Stored records:
------------------------------------------------------------------------

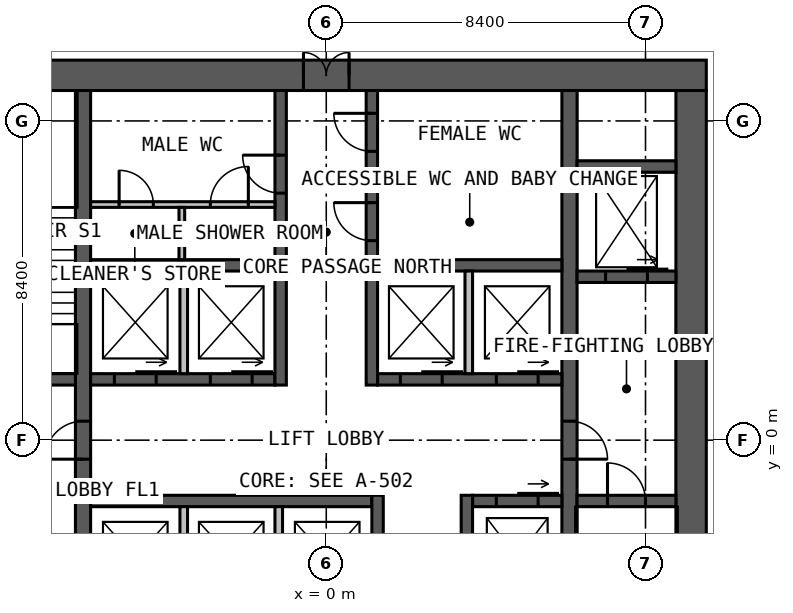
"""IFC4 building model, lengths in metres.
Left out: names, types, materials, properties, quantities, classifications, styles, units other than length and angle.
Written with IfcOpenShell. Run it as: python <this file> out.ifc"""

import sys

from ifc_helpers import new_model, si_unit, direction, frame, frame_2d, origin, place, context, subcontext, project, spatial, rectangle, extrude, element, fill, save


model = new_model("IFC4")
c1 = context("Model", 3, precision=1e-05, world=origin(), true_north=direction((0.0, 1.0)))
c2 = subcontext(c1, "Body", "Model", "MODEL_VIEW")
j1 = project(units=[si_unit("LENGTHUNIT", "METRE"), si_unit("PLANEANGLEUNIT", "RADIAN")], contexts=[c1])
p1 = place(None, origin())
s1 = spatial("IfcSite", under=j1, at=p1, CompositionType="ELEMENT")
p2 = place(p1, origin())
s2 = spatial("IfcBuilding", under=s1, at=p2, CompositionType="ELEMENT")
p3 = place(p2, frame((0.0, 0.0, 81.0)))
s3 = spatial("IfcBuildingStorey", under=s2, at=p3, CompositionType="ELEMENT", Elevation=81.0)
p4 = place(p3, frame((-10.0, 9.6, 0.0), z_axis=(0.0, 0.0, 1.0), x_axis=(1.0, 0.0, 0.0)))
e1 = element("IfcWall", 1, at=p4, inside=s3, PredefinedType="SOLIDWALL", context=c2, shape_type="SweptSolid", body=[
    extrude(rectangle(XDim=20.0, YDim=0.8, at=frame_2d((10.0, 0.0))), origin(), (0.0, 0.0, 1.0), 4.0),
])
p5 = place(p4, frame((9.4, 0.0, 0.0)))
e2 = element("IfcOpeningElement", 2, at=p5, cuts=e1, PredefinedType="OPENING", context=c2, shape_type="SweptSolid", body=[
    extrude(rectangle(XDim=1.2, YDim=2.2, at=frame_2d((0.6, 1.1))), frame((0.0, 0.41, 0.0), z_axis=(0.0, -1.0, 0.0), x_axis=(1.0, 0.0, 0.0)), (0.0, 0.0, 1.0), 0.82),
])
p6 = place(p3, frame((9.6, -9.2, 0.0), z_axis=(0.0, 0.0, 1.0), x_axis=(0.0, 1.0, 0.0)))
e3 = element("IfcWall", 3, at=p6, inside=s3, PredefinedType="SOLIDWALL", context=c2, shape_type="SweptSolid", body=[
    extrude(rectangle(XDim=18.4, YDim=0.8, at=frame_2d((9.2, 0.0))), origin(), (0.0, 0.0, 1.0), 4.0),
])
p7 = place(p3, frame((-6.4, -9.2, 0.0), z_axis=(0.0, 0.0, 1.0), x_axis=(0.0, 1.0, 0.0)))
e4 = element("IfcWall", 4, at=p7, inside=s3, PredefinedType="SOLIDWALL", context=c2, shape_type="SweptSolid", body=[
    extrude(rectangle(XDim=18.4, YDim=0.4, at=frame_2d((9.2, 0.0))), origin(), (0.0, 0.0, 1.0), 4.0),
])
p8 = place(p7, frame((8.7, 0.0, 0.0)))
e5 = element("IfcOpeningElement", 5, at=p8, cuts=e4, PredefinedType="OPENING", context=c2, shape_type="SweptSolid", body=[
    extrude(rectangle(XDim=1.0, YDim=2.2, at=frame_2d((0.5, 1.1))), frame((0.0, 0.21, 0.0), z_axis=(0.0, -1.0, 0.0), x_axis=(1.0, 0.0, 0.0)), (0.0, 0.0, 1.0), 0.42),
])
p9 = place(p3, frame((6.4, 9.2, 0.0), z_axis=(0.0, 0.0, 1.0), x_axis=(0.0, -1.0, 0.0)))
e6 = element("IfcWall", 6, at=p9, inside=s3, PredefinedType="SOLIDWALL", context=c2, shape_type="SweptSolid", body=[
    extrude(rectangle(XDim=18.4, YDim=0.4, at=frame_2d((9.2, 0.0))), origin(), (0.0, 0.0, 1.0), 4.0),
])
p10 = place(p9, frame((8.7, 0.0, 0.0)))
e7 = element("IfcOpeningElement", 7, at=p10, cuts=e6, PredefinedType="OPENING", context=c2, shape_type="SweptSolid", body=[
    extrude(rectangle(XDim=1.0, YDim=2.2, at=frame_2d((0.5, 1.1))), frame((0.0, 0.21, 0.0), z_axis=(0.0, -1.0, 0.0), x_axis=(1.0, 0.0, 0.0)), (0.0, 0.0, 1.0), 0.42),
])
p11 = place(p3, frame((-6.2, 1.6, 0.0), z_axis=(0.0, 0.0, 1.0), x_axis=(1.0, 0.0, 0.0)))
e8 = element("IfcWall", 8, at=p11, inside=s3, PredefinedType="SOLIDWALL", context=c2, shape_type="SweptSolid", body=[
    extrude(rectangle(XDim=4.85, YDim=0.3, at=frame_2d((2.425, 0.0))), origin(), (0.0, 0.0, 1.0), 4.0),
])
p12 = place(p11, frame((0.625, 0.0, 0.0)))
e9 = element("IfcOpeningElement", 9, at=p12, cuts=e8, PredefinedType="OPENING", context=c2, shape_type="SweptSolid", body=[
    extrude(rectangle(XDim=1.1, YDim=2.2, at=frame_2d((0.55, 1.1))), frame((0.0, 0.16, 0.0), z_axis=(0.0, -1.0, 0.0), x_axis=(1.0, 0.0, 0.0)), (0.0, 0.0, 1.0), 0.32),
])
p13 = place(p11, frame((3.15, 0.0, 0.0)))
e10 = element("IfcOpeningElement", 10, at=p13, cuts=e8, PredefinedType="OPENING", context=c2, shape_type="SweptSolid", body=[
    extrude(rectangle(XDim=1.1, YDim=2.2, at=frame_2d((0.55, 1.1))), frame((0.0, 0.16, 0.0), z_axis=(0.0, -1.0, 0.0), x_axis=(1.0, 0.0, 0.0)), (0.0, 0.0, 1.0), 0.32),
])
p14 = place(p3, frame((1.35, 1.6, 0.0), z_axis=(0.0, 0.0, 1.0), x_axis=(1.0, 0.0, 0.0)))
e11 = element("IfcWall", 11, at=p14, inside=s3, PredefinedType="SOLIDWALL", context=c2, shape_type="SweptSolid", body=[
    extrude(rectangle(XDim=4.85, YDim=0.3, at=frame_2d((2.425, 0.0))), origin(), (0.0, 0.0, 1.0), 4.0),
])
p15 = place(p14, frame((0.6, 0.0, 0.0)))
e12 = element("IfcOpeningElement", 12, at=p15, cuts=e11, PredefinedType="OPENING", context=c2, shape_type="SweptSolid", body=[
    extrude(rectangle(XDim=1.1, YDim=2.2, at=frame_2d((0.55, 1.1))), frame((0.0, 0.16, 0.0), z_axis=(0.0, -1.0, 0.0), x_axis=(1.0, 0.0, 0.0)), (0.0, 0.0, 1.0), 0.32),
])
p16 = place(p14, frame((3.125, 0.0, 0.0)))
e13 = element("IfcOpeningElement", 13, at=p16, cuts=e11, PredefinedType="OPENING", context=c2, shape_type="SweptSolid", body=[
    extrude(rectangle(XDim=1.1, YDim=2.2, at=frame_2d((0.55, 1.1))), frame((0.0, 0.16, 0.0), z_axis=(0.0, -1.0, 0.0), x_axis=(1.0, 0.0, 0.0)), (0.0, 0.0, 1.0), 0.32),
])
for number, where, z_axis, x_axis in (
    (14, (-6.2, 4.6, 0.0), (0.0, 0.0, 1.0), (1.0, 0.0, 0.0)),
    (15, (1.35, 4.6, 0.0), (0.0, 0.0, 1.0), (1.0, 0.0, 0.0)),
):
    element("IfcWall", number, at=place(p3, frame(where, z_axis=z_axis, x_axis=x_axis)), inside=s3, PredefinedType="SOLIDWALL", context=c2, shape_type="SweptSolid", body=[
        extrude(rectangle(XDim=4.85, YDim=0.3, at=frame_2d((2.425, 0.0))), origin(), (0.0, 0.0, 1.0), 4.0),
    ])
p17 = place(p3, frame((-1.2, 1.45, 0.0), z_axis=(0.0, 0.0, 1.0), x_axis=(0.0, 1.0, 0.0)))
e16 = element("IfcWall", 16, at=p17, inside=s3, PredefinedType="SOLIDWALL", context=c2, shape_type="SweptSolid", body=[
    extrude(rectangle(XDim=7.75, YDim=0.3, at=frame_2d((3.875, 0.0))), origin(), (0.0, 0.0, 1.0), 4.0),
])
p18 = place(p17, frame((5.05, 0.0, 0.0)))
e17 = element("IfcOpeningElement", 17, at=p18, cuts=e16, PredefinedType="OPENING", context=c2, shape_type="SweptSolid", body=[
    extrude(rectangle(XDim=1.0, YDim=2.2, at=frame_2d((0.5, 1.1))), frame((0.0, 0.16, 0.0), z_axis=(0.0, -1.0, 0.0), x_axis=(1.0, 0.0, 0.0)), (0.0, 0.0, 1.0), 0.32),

------------------------------------------------------------------------

Task details: The answer should be one number, the count of lines in the data that include the string "IfcOpeningElement".

Task response: 8